*Recorded information*
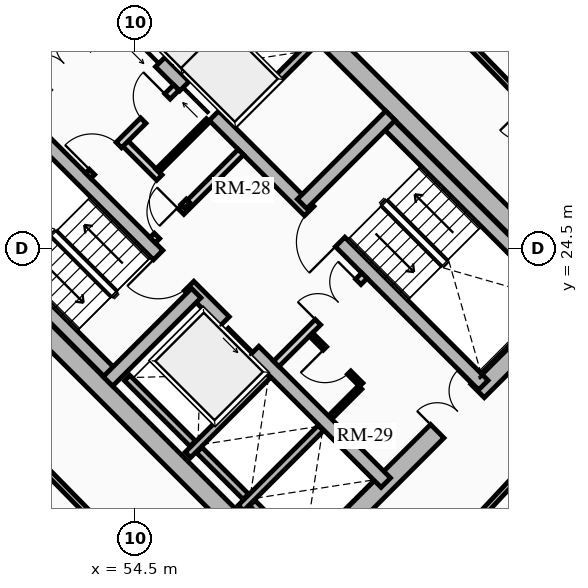
"""IFC4 building model, lengths in metres.
Left out: names, types, materials, properties, quantities, classifications, styles, units other than length and angle.
Written with IfcOpenShell. Run it as: python <this file> out.ifc"""

import sys

from ifc_helpers import new_model, si_unit, direction, frame, frame_2d, origin, place, context, subcontext, project, spatial, rectangle, extrude, source, transform, mapped, element, fill, save


model = new_model("IFC4")
c1 = context("Model", 3, precision=1e-05, world=origin(), true_north=direction((0.0, 1.0)))
c2 = subcontext(c1, "Body", "Model", "MODEL_VIEW")
j1 = project(units=[si_unit("LENGTHUNIT", "METRE"), si_unit("PLANEANGLEUNIT", "RADIAN")], contexts=[c1])
p1 = place(None, origin())
s1 = spatial("IfcSite", under=j1, at=p1, CompositionType="ELEMENT")
p2 = place(p1, origin())
s2 = spatial("IfcBuilding", under=s1, at=p2, CompositionType="ELEMENT")
p3 = place(p2, frame((0.0, 0.0, 51.1)))
s3 = spatial("IfcBuildingStorey", under=s2, at=p3, CompositionType="ELEMENT", Elevation=51.1)
for number, where, z_axis, x_axis in (
    (1, (58.773, 15.661, 0.0), (0.0, 0.0, 1.0), (-0.707, 0.707, 0.0)),
    (2, (66.339, 23.227, 0.0), (0.0, 0.0, 1.0), (-0.707, 0.707, 0.0)),
):
    element("IfcWall", number, at=place(p3, frame(where, z_axis=z_axis, x_axis=x_axis)), inside=s3, PredefinedType="SHEAR", context=c2, shape_type="SweptSolid", body=[
        extrude(rectangle(XDim=14.3, YDim=0.5, at=frame_2d((7.15, 0.0))), origin(), (0.0, 0.0, 1.0), 2.91),
    ])
p4 = place(p3, frame((58.596, 15.838, 0.0), z_axis=(0.0, 0.0, 1.0), x_axis=(0.707106781187, 0.707106781187, 0.0)))
e3 = element("IfcWall", 3, at=p4, inside=s3, PredefinedType="SHEAR", context=c2, shape_type="SweptSolid", body=[
    extrude(rectangle(XDim=10.7, YDim=0.5, at=frame_2d((5.35, 0.0))), origin(), (0.0, 0.0, 1.0), 2.91),
])
m1 = source(origin(), c2, "Body", "SweptSolid", [
    extrude(rectangle(XDim=1.5, YDim=2.02, at=frame_2d((0.75, 1.01))), frame((0.0, 0.26, 0.0), z_axis=(0.0, -1.0, 0.0), x_axis=(1.0, 0.0, 0.0)), (0.0, 0.0, 1.0), 0.52),
])
p5 = place(p4, frame((5.45, 0.0, 0.0)))
e4 = element("IfcOpeningElement", 4, at=p5, cuts=e3, PredefinedType="OPENING", context=c2, shape_type="MappedRepresentation", body=[
    mapped(m1, transform((0.0, 0.0, 0.0), x_axis=(1.0, 0.0, 0.0), y_axis=(0.0, 1.0, 0.0), z_axis=(0.0, 0.0, 1.0), scale=1.0)),
])
p6 = place(p3, frame((48.838, 25.596, 0.0), z_axis=(0.0, 0.0, 1.0), x_axis=(0.707106781187, 0.707106781187, 0.0)))
e5 = element("IfcWall", 5, at=p6, inside=s3, PredefinedType="SHEAR", context=c2, shape_type="SweptSolid", body=[
    extrude(rectangle(XDim=10.7, YDim=0.5, at=frame_2d((5.35, 0.0))), origin(), (0.0, 0.0, 1.0), 2.91),
])
p7 = place(p6, frame((4.6, 0.0, 0.0)))
e6 = element("IfcOpeningElement", 6, at=p7, cuts=e5, PredefinedType="OPENING", context=c2, shape_type="MappedRepresentation", body=[
    mapped(m1, transform((0.0, 0.0, 0.0), x_axis=(1.0, 0.0, 0.0), y_axis=(0.0, 1.0, 0.0), z_axis=(0.0, 0.0, 1.0), scale=1.0)),
])
p8 = place(p3, frame((61.096, 18.338, 0.0), z_axis=(0.0, 0.0, 1.0), x_axis=(-0.707106781187, 0.707106781187, 0.0)))
e7 = element("IfcWall", 7, at=p8, inside=s3, PredefinedType="SHEAR", context=c2, shape_type="SweptSolid", body=[
    extrude(rectangle(XDim=13.8, YDim=0.35, at=frame_2d((6.9, 0.0))), origin(), (0.0, 0.0, 1.0), 2.91),
])
m2 = source(origin(), c2, "Body", "SweptSolid", [
    extrude(rectangle(XDim=1.1, YDim=2.015, at=frame_2d((0.55, 1.007))), frame((0.0, 0.185, 0.0), z_axis=(0.0, -1.0, 0.0), x_axis=(1.0, 0.0, 0.0)), (0.0, 0.0, 1.0), 0.37),
])
p9 = place(p8, frame((4.9, 0.0, 0.0)))
e8 = element("IfcOpeningElement", 8, at=p9, cuts=e7, PredefinedType="OPENING", context=c2, shape_type="MappedRepresentation", body=[
    mapped(m2, transform((0.0, 0.0, 0.0), x_axis=(1.0, 0.0, 0.0), y_axis=(0.0, 1.0, 0.0), z_axis=(0.0, 0.0, 1.0), scale=1.0)),
])
m3 = source(origin(), c2, "Body", "SweptSolid", [
    extrude(rectangle(XDim=1.15, YDim=2.02, at=frame_2d((0.575, 1.01))), frame((0.0, 0.185, 0.0), z_axis=(0.0, -1.0, 0.0), x_axis=(1.0, 0.0, 0.0)), (0.0, 0.0, 1.0), 0.37),
])
p10 = place(p8, frame((7.32, 0.0, 0.0)))
e9 = element("IfcOpeningElement", 9, at=p10, cuts=e7, PredefinedType="OPENING", context=c2, shape_type="MappedRepresentation", body=[
    mapped(m3, transform((0.0, 0.0, 0.0), x_axis=(1.0, 0.0, 0.0), y_axis=(0.0, 1.0, 0.0), z_axis=(0.0, 0.0, 1.0), scale=1.0)),
])
p11 = place(p3, frame((63.662, 20.904, 0.0), z_axis=(0.0, 0.0, 1.0), x_axis=(-0.707106781187, 0.707106781187, 0.0)))
e10 = element("IfcWall", 10, at=p11, inside=s3, PredefinedType="SHEAR", context=c2, shape_type="SweptSolid", body=[
    extrude(rectangle(XDim=13.8, YDim=0.35, at=frame_2d((6.9, 0.0))), origin(), (0.0, 0.0, 1.0), 2.91),
])
p12 = place(p11, frame((10.025, 0.0, 0.0)))
e11 = element("IfcOpeningElement", 11, at=p12, cuts=e10, PredefinedType="OPENING", context=c2, shape_type="MappedRepresentation", body=[
    mapped(m2, transform((0.0, 0.0, 0.0), x_axis=(1.0, 0.0, 0.0), y_axis=(0.0, 1.0, 0.0), z_axis=(0.0, 0.0, 1.0), scale=1.0)),
])
p13 = place(p11, frame((12.025, 0.0, 0.0)))
e12 = element("IfcOpeningElement", 12, at=p13, cuts=e10, PredefinedType="OPENING", context=c2, shape_type="MappedRepresentation", body=[
    mapped(m2, transform((0.0, 0.0, 0.0), x_axis=(1.0, 0.0, 0.0), y_axis=(0.0, 1.0, 0.0), z_axis=(0.0, 0.0, 1.0), scale=1.0)),
])
p14 = place(p11, frame((5.33, 0.0, 0.0)))
e13 = element("IfcOpeningElement", 13, at=p14, cuts=e10, PredefinedType="OPENING", context=c2, shape_type="MappedRepresentation", body=[
    mapped(m3, transform((0.0, 0.0, 0.0), x_axis=(1.0, 0.0, 0.0), y_axis=(0.0, 1.0, 0.0), z_axis=(0.0, 0.0, 1.0), scale=1.0)),
])
p15 = place(p3, frame((53.922, 21.141, 0.0), z_axis=(0.0, 0.0, 1.0), x_axis=(-0.707106781187, 0.707106781187, 0.0)))
e14 = element("IfcWall", 14, at=p15, inside=s3, PredefinedType="SHEAR", context=c2, shape_type="SweptSolid", body=[
    extrude(rectangle(XDim=6.745, YDim=0.35, at=frame_2d((3.373, 0.0))), origin(), (0.0, 0.0, 1.0), 2.91),
])
p16 = place(p3, frame((53.784, 21.003, 0.0), z_axis=(0.0, 0.0, 1.0), x_axis=(0.707106781187, 0.707106781187, 0.0)))
e15 = element("IfcWall", 15, at=p16, inside=s3, PredefinedType="SHEAR", context=c2, shape_type="SweptSolid", body=[
    extrude(rectangle(XDim=3.285, YDim=0.35, at=frame_2d((1.643, 0.0))), origin(), (0.0, 0.0, 1.0), 2.91),
])
p17 = place(p3, frame((65.847, 23.089, 0.0), z_axis=(0.0, 0.0, 1.0), x_axis=(-0.707106781187, 0.707106781187, 0.0)))
e16 = element("IfcWall", 16, at=p17, inside=s3, PredefinedType="SHEAR", context=c2, shape_type="SweptSolid", body=[
    extrude(rectangle(XDim=6.745, YDim=0.35, at=frame_2d((3.373, 0.0))), origin(), (0.0, 0.0, 1.0), 2.91),
])
p18 = place(p3, frame((58.893, 25.674, 0.0), z_axis=(0.0, 0.0, 1.0), x_axis=(0.707106781187, 0.707106781187, 0.0)))
e17 = element("IfcWall", 17, at=p18, inside=s3, PredefinedType="SHEAR", context=c2, shape_type="SweptSolid", body=[
    extrude(rectangle(XDim=3.285, YDim=0.35, at=frame_2d((1.643, 0.0))), origin(), (0.0, 0.0, 1.0), 2.91),
])
p19 = place(p3, frame((55.888, 19.069, 0.0), z_axis=(0.0, 0.0, 1.0), x_axis=(0.707106781187, 0.707106781187, 0.0)))
e18 = element("IfcWall", 18, at=p19, inside=s3, PredefinedType="SHEAR", context=c2, shape_type="SweptSolid", body=[
    extrude(rectangle(XDim=2.97, YDim=0.2, at=frame_2d((1.485, 0.0))), origin(), (0.0, 0.0, 1.0), 2.91),
])
p20 = place(p3, frame((56.015, 19.366, 0.0), z_axis=(0.0, 0.0, 1.0), x_axis=(-0.707106781187, 0.707106781187, 0.0)))
e19 = element("IfcWall", 19, at=p20, inside=s3, PredefinedType="SHEAR", context=c2, shape_type="SweptSolid", body=[
    extrude(rectangle(XDim=2.44, YDim=0.2, at=frame_2d((1.22, 0.0))), origin(), (0.0, 0.0, 1.0), 2.91),
])
p21 = place(p3, frame((57.284, 17.673, 0.0), z_axis=(0.0, 0.0, 1.0), x_axis=(0.707147878904, 0.70706568108, 0.0)))
e20 = element("IfcWall", 20, at=p21, inside=s3, PredefinedType="SHEAR", context=c2, shape_type="SweptSolid", body=[
    extrude(rectangle(XDim=2.97, YDim=0.2, at=frame_2d((1.485, 0.0))), origin(), (0.0, 0.0, 1.0), 2.91),
])
p22 = place(p3, frame((57.412, 17.97, 0.0), z_axis=(0.0, 0.0, 1.0), x_axis=(-0.707106781187, 0.707106781187, 0.0)))
e21 = element("IfcWall", 21, at=p22, inside=s3, PredefinedType="SHEAR", context=c2, shape_type="SweptSolid", body=[
    extrude(rectangle(XDim=1.735, YDim=0.2, at=frame_2d((0.867, 0.0))), origin(), (0.0, 0.0, 1.0), 2.91),
])
p23 = place(p3, frame((58.737, 16.644, 0.0), z_axis=(0.0, 0.0, 1.0), x_axis=(-0.707032117043, 0.707181437447, 0.0)))
e22 = element("IfcWall", 22, at=p23, inside=s3, PredefinedType="SHEAR", context=c2, shape_type="SweptSolid", body=[
    extrude(rectangle(XDim=1.635, YDim=0.2, at=frame_2d((0.817, 0.0))), origin(), (0.0, 0.0, 1.0), 2.91),
])
p24 = place(p3, frame((57.062, 27.781, 0.0), z_axis=(0.0, 0.0, 1.0), x_axis=(0.707106781187, 0.707106781187, 0.0)))
e23 = element("IfcWall", 23, at=p24, inside=s3, PredefinedType="SHEAR", context=c2, shape_type="SweptSolid", body=[
    extrude(rectangle(XDim=2.97, YDim=0.2, at=frame_2d((1.485, 0.0))), origin(), (0.0, 0.0, 1.0), 2.91),
])
p25 = place(p3, frame((55.615, 29.227, 0.0), z_axis=(0.0, 0.0, 1.0), x_axis=(0.707147878904, 0.70706568108, 0.0)))
e24 = element("IfcWall", 24, at=p25, inside=s3, PredefinedType="SHEAR", context=c2, shape_type="SweptSolid", body=[
    extrude(rectangle(XDim=2.97, YDim=0.2, at=frame_2d((1.485, 0.0))), origin(), (0.0, 0.0, 1.0), 2.91),
])
p26 = place(p3, frame((58.214, 21.467, 0.0), z_axis=(0.0, 0.0, 1.0), x_axis=(0.707106781187, 0.707106781187, 0.0)))
e25 = element("IfcWall", 25, at=p26, inside=s3, PredefinedType="PARTITIONING", context=c2, shape_type="SweptSolid", body=[
    extrude(rectangle(XDim=3.28, YDim=0.2, at=frame_2d((1.64, 0.0))), origin(), (0.0, 0.0, 1.0), 2.635),
])
m4 = source(origin(), c2, "Body", "SweptSolid", [
    extrude(rectangle(XDim=1.5, YDim=2.02, at=frame_2d((0.75, 1.01))), frame((0.0, 0.11, 0.0), z_axis=(0.0, -1.0, 0.0), x_axis=(1.0, 0.0, 0.0)), (0.0, 0.0, 1.0), 0.22),
])
p27 = place(p26, frame((1.55, 0.0, 0.0)))
e26 = element("IfcOpeningElement", 26, at=p27, cuts=e25, PredefinedType="OPENING", context=c2, shape_type="MappedRepresentation", body=[
    mapped(m4, transform((0.0, 0.0, 0.0), x_axis=(1.0, 0.0, 0.0), y_axis=(0.0, 1.0, 0.0), z_axis=(0.0, 0.0, 1.0), scale=1.0)),
])
p28 = place(p3, frame((54.961, 24.719, 0.0), z_axis=(0.0, 0.0, 1.0), x_axis=(0.707106781187, 0.707106781187, 0.0)))
e27 = element("IfcWall", 27, at=p28, inside=s3, PredefinedType="PARTITIONING", context=c2, shape_type="SweptSolid", body=[
    extrude(rectangle(XDim=3.28, YDim=0.2, at=frame_2d((1.64, 0.0))), origin(), (0.0, 0.0, 1.0), 2.635),
])
m5 = source(origin(), c2, "Body", "SweptSolid", [
    extrude(rectangle(XDim=0.9, YDim=2.005, at=frame_2d((0.45, 1.002))), frame((0.0, 0.11, 0.0), z_axis=(0.0, -1.0, 0.0), x_axis=(1.0, 0.0, 0.0)), (0.0, 0.0, 1.0), 0.22),
])
p29 = place(p28, frame((0.16, 0.0, 0.0)))
e28 = element("IfcOpeningElement", 28, at=p29, cuts=e27, PredefinedType="OPENING", context=c2, shape_type="MappedRepresentation", body=[
    mapped(m5, transform((0.0, 0.0, 0.0), x_axis=(1.0, 0.0, 0.0), y_axis=(0.0, 1.0, 0.0), z_axis=(0.0, 0.0, 1.0), scale=1.0)),
])
p30 = place(p3, frame((55.874, 25.631, 0.0), z_axis=(0.0, 0.0, 1.0), x_axis=(-0.707157639372, 0.707055919343, 0.0)))
e29 = element("IfcWall", 29, at=p30, inside=s3, PredefinedType="PARTITIONING", context=c2, shape_type="SweptSolid", body=[
    extrude(rectangle(XDim=2.4, YDim=0.2, at=frame_2d((1.2, 0.0))), origin(), (0.0, 0.0, 1.0), 2.635),
])
p31 = place(p30, frame((0.14, 0.0, 0.0)))
e30 = element("IfcOpeningElement", 30, at=p31, cuts=e29, PredefinedType="OPENING", context=c2, shape_type="MappedRepresentation", body=[
    mapped(m5, transform((0.0, 0.0, 0.0), x_axis=(1.0, 0.0, 0.0), y_axis=(0.0, 1.0, 0.0), z_axis=(0.0, 0.0, 1.0), scale=1.0)),
])
p32 = place(p3, frame((53.264, 26.416, 0.0), z_axis=(0.0, 0.0, 1.0), x_axis=(0.707106781187, 0.707106781187, 0.0)))
e31 = element("IfcWall", 31, at=p32, inside=s3, PredefinedType="PARTITIONING", context=c2, shape_type="SweptSolid", body=[
    extrude(rectangle(XDim=3.28, YDim=0.2, at=frame_2d((1.64, 0.0))), origin(), (0.0, 0.0, 1.0), 2.635),
])
m6 = source(origin(), c2, "Body", "SweptSolid", [
    extrude(rectangle(XDim=1.0, YDim=2.015, at=frame_2d((0.5, 1.007))), frame((0.0, 0.11, 0.0), z_axis=(0.0, -1.0, 0.0), x_axis=(1.0, 0.0, 0.0)), (0.0, 0.0, 1.0), 0.22),
])
p33 = place(p32, frame((0.14, 0.0, 0.0)))
e32 = element("IfcOpeningElement", 32, at=p33, cuts=e31, PredefinedType="OPENING", context=c2, shape_type="MappedRepresentation", body=[
    mapped(m6, transform((0.0, 0.0, 0.0), x_axis=(1.0, 0.0, 0.0), y_axis=(0.0, 1.0, 0.0), z_axis=(0.0, 0.0, 1.0), scale=1.0)),
])
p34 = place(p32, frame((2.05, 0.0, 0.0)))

*Try it*
Whenever a line of the data includes "units", copy that line.

*Answer space*
Left out: names, types, materials, properties, quantities, classifications, styles, units other than length and angle.
j1 = project(units=[si_unit("LENGTHUNIT", "METRE"), si_unit("PLANEANGLEUNIT", "RADIAN")], contexts=[c1])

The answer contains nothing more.